Exercise objective: Only the lines from the first line of the records through the line containing "p5 = place(p4, frame((15.3, 0.0, 0.0)))" belong in the answer. Copy them exactly.

Recorded data:
____

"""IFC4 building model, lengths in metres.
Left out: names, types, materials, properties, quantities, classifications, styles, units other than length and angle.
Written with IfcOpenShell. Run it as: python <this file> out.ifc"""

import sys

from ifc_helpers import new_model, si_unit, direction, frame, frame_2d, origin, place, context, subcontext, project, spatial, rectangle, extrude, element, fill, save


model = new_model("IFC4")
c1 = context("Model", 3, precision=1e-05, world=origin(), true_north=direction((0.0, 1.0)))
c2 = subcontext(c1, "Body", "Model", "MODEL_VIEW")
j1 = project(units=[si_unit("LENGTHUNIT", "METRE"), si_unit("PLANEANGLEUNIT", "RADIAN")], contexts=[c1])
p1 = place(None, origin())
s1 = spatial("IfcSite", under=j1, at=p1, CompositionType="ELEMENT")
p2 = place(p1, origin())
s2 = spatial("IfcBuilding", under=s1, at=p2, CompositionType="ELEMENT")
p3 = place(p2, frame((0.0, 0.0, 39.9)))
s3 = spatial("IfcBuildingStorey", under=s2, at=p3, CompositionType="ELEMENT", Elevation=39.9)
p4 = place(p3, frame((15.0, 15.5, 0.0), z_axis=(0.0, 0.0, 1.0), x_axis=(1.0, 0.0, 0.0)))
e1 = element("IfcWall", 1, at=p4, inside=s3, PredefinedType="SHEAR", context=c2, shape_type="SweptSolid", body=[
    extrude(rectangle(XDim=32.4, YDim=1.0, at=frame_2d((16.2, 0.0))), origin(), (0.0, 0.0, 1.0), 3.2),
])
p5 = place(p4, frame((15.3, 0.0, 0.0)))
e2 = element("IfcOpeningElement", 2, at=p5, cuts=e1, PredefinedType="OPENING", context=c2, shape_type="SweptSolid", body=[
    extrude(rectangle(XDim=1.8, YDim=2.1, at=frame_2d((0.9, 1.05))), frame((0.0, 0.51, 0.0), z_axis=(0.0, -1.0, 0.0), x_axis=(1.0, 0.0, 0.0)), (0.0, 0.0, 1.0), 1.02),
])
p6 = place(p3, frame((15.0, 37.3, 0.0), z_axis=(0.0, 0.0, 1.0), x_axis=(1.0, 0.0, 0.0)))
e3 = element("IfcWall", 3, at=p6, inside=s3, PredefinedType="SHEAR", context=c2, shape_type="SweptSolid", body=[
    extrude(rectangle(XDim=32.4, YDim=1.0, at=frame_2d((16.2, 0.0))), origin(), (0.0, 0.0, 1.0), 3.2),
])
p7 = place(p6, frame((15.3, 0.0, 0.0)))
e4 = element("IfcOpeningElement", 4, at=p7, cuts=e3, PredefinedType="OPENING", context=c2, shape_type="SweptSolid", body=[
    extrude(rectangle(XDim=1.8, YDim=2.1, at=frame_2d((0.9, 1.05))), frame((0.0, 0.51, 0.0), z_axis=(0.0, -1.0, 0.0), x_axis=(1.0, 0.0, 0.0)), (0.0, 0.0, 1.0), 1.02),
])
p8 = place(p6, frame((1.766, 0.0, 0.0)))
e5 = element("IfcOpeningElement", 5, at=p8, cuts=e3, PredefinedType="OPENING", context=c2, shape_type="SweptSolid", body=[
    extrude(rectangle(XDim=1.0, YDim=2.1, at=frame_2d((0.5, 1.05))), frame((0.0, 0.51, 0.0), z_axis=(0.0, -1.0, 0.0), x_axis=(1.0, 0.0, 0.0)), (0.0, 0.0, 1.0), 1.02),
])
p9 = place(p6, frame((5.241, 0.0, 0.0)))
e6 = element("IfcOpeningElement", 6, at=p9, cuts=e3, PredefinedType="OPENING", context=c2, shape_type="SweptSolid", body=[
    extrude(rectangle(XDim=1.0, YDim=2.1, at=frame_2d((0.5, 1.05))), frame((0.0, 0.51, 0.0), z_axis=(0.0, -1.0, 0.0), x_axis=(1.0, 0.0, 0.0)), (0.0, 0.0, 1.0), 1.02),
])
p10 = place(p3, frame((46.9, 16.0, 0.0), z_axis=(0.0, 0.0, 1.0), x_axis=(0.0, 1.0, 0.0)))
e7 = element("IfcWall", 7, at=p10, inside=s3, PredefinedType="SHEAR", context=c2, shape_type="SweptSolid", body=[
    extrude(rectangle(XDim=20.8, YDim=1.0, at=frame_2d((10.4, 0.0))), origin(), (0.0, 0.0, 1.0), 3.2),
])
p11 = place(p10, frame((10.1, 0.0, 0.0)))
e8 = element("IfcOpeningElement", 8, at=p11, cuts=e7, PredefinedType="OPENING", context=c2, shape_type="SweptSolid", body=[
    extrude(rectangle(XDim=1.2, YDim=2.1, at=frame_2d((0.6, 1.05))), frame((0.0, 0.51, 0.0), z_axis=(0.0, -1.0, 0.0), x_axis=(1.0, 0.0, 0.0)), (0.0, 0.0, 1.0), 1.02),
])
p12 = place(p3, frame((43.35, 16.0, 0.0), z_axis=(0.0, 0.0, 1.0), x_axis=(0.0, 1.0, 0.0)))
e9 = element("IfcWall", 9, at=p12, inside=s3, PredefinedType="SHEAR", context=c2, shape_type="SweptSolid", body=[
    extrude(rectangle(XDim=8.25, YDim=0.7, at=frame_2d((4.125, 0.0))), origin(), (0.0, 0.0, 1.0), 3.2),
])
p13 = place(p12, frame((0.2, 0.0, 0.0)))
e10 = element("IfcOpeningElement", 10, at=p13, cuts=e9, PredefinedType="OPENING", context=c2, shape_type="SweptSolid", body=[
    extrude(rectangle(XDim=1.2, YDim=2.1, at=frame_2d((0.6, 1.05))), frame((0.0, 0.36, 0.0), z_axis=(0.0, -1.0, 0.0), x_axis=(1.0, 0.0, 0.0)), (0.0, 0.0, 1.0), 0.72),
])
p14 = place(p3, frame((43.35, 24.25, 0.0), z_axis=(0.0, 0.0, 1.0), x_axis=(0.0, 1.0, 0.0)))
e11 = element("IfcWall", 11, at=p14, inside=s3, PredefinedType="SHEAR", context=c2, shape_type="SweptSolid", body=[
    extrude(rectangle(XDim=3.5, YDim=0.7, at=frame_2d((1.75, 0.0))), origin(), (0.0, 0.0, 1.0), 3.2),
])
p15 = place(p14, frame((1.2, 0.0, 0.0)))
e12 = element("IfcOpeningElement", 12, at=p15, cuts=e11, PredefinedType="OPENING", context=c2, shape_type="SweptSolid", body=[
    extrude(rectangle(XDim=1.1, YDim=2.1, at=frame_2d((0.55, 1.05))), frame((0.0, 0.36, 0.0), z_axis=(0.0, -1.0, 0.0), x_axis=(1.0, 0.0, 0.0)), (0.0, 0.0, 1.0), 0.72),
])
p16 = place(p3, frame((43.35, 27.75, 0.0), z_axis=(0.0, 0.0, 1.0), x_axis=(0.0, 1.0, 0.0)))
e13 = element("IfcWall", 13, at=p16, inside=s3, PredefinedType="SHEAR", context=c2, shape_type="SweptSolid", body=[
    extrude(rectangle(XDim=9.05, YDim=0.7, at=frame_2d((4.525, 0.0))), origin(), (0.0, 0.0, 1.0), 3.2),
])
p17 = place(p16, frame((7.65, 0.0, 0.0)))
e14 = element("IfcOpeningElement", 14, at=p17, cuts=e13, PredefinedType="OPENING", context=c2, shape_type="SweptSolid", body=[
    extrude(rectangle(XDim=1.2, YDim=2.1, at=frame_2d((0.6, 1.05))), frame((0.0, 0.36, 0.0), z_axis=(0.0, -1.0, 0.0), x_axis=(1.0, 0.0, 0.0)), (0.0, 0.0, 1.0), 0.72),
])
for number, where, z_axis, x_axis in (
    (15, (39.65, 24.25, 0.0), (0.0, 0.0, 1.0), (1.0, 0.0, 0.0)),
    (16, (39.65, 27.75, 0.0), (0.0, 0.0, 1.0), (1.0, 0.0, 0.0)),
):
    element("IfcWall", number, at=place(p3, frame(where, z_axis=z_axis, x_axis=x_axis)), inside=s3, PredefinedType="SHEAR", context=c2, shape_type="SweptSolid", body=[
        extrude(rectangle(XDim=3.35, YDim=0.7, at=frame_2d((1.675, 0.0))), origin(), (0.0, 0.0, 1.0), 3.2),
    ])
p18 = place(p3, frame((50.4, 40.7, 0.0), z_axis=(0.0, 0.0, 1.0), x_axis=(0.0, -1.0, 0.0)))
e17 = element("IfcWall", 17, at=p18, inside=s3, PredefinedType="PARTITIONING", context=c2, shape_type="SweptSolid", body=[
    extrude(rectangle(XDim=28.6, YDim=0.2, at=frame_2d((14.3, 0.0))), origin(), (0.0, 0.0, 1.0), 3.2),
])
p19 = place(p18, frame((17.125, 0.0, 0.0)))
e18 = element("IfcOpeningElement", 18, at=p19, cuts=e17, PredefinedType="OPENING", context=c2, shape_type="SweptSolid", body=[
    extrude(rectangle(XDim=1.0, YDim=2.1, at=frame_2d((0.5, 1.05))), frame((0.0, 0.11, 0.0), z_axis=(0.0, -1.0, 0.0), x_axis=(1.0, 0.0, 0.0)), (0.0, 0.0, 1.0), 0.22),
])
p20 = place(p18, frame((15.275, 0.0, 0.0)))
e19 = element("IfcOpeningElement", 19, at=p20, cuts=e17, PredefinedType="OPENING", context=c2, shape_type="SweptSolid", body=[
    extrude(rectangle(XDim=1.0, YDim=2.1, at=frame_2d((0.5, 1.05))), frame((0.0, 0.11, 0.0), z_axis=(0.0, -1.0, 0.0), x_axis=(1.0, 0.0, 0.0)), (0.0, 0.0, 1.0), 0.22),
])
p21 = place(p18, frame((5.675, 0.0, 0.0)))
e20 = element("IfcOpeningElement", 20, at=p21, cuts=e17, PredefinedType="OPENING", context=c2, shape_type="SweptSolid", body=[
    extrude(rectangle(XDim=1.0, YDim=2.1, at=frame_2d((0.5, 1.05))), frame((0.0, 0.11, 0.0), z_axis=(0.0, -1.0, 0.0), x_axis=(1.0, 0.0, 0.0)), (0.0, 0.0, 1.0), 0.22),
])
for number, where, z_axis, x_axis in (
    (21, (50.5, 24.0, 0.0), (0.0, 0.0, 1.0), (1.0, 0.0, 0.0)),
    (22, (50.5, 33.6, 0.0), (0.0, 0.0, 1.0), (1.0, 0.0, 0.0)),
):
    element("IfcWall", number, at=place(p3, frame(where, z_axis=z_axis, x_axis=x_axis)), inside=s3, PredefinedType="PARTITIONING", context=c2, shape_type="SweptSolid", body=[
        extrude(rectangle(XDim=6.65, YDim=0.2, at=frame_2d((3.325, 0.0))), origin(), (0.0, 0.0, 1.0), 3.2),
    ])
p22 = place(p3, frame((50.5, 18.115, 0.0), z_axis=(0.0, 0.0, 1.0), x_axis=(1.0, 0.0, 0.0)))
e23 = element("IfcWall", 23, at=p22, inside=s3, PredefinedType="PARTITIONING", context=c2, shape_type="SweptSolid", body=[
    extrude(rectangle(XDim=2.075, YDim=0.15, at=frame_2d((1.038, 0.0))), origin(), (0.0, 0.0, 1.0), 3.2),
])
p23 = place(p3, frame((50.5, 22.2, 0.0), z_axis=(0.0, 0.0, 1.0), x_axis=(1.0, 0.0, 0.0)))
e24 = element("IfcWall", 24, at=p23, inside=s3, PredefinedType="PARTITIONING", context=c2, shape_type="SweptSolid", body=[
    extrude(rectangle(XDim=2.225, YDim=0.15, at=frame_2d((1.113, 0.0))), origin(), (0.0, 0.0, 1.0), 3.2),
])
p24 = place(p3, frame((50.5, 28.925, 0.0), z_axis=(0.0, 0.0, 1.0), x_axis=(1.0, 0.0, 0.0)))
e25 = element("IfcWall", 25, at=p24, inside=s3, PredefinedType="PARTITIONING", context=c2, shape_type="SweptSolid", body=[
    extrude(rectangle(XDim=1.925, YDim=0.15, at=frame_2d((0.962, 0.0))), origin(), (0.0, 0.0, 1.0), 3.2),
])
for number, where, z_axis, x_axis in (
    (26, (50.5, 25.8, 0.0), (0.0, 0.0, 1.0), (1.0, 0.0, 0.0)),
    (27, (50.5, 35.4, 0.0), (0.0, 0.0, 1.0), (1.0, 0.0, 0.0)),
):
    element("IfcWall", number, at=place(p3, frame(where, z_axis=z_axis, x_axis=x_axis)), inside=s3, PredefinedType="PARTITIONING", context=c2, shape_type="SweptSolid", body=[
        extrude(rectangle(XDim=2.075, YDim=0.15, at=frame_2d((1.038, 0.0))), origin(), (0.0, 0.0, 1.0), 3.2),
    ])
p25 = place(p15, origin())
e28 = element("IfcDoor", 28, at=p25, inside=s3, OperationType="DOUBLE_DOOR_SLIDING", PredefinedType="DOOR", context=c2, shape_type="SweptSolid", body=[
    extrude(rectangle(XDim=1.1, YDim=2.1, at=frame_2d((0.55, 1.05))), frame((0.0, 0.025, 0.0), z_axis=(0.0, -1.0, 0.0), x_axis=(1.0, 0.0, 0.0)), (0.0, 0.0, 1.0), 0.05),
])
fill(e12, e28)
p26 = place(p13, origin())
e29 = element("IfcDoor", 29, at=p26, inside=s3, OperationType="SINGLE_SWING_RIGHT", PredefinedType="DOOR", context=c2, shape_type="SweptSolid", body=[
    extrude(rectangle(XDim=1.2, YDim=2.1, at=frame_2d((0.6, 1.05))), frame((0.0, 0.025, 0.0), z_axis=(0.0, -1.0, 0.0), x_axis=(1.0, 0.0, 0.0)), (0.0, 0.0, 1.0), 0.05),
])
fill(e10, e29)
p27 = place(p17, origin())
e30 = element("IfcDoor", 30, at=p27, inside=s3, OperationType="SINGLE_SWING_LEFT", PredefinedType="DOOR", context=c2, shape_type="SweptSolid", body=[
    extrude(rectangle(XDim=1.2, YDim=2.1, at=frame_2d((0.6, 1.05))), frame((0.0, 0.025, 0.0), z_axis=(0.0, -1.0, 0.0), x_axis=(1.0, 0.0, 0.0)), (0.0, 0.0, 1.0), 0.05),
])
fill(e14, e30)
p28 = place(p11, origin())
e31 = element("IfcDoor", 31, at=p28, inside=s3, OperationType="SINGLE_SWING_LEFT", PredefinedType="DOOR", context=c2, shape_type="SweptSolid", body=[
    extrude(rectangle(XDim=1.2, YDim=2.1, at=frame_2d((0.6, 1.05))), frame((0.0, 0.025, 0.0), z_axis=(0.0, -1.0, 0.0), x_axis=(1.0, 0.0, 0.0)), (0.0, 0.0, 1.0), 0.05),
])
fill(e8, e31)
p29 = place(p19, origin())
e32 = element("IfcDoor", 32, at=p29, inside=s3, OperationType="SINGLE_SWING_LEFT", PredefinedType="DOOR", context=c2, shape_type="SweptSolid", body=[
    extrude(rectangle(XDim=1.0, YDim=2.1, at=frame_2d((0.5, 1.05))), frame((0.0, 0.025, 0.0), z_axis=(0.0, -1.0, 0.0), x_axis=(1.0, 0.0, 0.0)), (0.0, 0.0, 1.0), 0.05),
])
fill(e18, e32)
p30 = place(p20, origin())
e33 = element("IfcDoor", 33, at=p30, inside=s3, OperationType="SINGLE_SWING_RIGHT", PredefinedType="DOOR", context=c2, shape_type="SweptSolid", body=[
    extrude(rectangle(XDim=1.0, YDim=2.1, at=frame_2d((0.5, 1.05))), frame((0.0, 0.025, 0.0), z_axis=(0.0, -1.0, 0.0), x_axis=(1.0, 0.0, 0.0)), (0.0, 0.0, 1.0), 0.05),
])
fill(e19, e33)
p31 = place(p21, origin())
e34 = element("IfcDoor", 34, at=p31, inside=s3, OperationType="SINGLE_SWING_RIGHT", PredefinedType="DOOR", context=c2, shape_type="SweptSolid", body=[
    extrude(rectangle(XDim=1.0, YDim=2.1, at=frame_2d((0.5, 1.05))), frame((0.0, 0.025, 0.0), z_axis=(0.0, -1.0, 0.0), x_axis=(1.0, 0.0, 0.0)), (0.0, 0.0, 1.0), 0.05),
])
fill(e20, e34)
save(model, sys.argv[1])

____

Reply to the task:
"""IFC4 building model, lengths in metres.
Left out: names, types, materials, properties, quantities, classifications, styles, units other than length and angle.
Written with IfcOpenShell. Run it as: python <this file> out.ifc"""

import sys

from ifc_helpers import new_model, si_unit, direction, frame, frame_2d, origin, place, context, subcontext, project, spatial, rectangle, extrude, element, fill, save


model = new_model("IFC4")
c1 = context("Model", 3, precision=1e-05, world=origin(), true_north=direction((0.0, 1.0)))
c2 = subcontext(c1, "Body", "Model", "MODEL_VIEW")
j1 = project(units=[si_unit("LENGTHUNIT", "METRE"), si_unit("PLANEANGLEUNIT", "RADIAN")], contexts=[c1])
p1 = place(None, origin())
s1 = spatial("IfcSite", under=j1, at=p1, CompositionType="ELEMENT")
p2 = place(p1, origin())
s2 = spatial("IfcBuilding", under=s1, at=p2, CompositionType="ELEMENT")
p3 = place(p2, frame((0.0, 0.0, 39.9)))
s3 = spatial("IfcBuildingStorey", under=s2, at=p3, CompositionType="ELEMENT", Elevation=39.9)
p4 = place(p3, frame((15.0, 15.5, 0.0), z_axis=(0.0, 0.0, 1.0), x_axis=(1.0, 0.0, 0.0)))
e1 = element("IfcWall", 1, at=p4, inside=s3, PredefinedType="SHEAR", context=c2, shape_type="SweptSolid", body=[
    extrude(rectangle(XDim=32.4, YDim=1.0, at=frame_2d((16.2, 0.0))), origin(), (0.0, 0.0, 1.0), 3.2),
])
p5 = place(p4, frame((15.3, 0.0, 0.0)))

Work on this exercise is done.